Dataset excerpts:
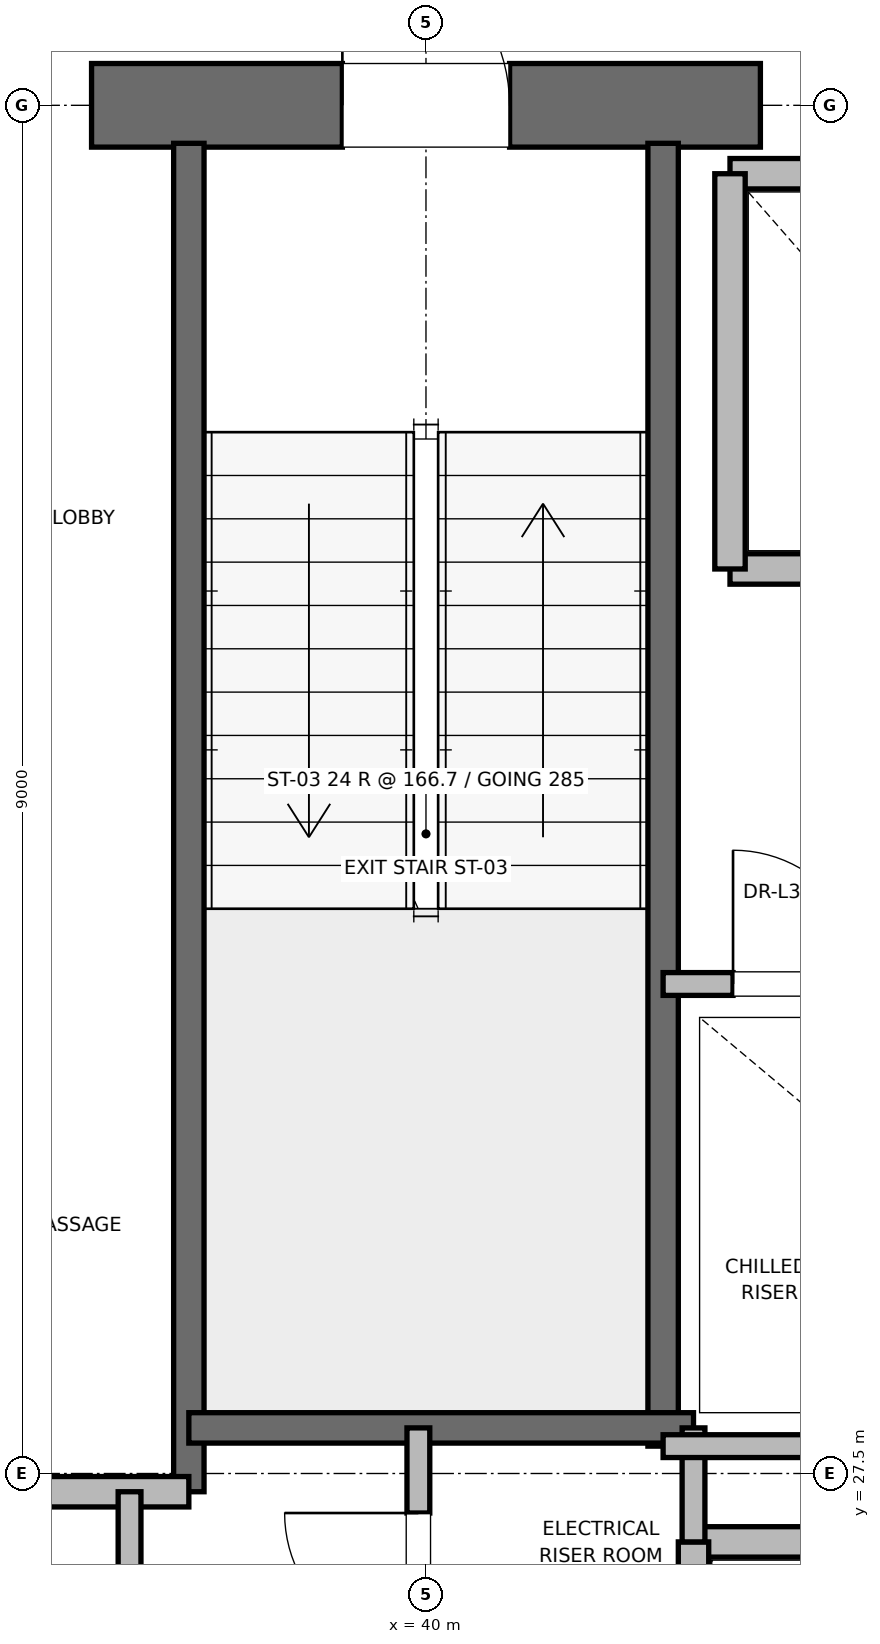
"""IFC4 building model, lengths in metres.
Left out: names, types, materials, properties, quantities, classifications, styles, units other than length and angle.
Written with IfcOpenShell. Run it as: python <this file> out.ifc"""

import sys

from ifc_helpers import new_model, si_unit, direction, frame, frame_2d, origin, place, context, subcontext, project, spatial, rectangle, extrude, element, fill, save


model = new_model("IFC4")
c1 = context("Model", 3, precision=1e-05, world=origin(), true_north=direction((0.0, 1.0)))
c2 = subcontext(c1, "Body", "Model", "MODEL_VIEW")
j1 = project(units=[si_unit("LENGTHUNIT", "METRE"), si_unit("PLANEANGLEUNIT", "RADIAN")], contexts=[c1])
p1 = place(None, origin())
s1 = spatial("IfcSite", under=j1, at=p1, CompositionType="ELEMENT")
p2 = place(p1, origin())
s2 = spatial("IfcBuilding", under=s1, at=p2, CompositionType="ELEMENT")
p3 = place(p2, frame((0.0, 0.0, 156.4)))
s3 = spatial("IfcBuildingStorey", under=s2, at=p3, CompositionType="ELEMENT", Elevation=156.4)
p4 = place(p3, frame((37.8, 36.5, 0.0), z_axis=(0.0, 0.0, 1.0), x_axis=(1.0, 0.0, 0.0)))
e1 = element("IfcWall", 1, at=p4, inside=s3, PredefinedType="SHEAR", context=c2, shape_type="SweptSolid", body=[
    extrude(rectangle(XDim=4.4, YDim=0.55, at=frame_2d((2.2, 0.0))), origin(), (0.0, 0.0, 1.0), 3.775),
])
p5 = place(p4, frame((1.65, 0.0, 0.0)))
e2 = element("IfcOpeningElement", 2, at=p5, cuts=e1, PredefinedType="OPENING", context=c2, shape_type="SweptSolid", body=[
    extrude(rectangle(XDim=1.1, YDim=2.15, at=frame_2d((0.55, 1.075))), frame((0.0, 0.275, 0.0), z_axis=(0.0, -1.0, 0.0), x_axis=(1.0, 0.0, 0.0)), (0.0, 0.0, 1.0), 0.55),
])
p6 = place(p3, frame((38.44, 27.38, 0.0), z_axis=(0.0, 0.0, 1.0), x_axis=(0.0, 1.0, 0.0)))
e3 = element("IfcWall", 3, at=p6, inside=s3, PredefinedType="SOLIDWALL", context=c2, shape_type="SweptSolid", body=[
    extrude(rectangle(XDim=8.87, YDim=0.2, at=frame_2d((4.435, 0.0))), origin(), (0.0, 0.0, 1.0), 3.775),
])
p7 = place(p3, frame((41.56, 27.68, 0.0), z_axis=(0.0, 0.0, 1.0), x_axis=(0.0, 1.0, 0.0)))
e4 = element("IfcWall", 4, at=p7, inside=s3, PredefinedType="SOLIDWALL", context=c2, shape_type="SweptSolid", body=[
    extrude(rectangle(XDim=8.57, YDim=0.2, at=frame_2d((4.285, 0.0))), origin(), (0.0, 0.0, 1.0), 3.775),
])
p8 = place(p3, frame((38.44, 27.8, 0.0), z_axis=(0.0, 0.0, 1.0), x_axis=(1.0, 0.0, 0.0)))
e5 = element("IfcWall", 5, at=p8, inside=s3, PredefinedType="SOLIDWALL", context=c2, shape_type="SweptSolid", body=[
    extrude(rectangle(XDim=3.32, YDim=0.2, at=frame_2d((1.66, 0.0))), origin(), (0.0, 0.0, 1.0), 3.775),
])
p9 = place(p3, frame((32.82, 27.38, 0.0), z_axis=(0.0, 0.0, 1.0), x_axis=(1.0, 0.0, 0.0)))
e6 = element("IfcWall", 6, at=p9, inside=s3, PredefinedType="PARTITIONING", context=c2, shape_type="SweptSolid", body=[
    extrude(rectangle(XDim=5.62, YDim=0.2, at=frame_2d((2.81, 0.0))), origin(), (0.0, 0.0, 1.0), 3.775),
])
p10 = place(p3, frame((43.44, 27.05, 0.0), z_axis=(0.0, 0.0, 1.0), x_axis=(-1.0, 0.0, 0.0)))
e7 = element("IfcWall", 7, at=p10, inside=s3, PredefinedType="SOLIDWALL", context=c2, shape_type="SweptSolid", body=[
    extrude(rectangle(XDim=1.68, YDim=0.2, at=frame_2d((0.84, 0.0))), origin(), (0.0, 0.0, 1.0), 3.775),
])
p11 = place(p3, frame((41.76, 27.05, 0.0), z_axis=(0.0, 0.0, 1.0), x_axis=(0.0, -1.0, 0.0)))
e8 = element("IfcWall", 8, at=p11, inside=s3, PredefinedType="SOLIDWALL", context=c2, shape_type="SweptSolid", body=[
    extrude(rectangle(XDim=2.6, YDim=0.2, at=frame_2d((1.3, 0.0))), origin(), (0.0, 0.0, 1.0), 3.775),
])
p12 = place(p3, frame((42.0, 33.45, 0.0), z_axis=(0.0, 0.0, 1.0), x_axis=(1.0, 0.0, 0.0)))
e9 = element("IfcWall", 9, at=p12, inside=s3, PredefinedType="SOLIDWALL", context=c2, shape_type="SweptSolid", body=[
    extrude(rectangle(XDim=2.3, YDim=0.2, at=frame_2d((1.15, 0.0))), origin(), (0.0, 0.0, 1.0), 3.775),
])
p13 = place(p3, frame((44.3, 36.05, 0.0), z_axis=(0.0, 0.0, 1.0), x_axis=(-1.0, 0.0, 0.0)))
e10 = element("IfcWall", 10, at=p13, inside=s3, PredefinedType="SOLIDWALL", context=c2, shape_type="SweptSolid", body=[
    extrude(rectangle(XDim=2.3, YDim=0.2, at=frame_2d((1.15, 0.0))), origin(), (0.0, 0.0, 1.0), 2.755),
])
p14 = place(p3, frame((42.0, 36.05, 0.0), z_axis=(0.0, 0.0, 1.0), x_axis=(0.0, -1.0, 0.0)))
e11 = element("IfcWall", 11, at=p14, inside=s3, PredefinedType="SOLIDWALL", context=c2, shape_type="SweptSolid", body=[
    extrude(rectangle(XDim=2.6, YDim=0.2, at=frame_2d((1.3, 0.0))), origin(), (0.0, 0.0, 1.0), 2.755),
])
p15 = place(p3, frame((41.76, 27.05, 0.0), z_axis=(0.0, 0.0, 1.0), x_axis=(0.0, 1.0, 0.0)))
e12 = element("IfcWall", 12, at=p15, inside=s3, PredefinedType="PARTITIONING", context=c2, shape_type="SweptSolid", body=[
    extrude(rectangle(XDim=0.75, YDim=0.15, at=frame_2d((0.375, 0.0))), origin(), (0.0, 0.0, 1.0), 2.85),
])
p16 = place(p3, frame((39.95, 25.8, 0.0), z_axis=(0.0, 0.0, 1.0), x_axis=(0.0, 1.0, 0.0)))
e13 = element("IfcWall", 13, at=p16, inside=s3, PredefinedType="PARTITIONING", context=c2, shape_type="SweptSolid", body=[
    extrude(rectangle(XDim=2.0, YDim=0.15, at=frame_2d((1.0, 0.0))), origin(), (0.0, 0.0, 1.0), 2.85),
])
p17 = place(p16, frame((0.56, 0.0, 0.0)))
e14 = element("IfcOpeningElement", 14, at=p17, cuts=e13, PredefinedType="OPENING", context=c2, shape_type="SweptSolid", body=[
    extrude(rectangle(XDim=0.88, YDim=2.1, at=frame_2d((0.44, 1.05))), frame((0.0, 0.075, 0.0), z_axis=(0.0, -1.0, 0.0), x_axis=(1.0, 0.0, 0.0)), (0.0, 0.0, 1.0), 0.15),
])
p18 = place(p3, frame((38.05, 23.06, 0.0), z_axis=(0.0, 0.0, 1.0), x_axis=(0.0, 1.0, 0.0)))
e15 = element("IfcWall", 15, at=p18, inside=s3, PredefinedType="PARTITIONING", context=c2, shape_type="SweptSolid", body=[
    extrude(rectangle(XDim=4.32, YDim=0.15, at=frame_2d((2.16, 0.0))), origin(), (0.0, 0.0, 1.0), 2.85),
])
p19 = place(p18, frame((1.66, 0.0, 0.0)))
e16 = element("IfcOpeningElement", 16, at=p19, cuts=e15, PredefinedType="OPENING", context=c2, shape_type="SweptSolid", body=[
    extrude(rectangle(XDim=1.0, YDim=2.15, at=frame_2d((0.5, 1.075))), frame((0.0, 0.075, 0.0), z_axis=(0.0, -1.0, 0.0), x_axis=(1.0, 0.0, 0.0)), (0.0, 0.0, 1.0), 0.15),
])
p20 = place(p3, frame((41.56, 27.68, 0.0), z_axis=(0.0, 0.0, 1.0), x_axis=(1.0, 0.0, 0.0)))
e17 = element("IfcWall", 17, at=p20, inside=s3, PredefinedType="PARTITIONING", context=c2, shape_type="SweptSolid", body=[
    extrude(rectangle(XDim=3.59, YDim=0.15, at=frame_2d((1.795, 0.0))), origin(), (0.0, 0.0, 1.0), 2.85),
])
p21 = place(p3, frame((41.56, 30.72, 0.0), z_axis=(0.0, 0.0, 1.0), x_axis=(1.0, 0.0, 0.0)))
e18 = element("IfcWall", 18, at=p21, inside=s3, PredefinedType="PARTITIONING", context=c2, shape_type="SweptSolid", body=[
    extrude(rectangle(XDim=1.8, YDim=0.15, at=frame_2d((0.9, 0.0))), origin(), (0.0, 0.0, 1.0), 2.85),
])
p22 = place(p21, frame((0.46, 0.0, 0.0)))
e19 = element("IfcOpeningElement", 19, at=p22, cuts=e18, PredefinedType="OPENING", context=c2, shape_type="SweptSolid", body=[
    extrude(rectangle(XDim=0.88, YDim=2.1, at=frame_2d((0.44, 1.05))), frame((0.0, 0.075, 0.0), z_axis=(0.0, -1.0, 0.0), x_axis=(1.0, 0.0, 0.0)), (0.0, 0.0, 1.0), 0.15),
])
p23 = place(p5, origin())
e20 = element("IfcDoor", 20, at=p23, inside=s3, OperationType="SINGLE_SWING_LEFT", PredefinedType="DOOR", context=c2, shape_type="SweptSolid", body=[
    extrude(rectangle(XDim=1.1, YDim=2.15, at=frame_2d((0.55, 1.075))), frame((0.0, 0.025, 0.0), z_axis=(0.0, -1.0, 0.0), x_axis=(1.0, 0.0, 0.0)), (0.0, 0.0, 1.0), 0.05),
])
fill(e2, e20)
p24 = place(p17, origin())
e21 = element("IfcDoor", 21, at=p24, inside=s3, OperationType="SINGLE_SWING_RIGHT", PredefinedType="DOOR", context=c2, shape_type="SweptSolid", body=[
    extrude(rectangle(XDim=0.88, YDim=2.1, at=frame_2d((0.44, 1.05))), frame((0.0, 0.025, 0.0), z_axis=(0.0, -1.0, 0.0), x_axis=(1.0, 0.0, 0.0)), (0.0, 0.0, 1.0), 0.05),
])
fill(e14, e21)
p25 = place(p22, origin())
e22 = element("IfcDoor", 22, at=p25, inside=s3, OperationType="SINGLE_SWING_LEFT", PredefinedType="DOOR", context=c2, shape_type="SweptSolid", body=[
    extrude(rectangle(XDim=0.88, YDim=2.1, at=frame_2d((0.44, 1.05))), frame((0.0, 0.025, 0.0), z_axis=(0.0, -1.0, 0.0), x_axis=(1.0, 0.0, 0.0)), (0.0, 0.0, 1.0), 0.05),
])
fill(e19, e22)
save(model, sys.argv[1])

Problem statement:
Look through the entries for the string "save". Every line that has it belongs in the answer.

Solution to this problem:
from ifc_helpers import new_model, si_unit, direction, frame, frame_2d, origin, place, context, subcontext, project, spatial, rectangle, extrude, element, fill, save
save(model, sys.argv[1])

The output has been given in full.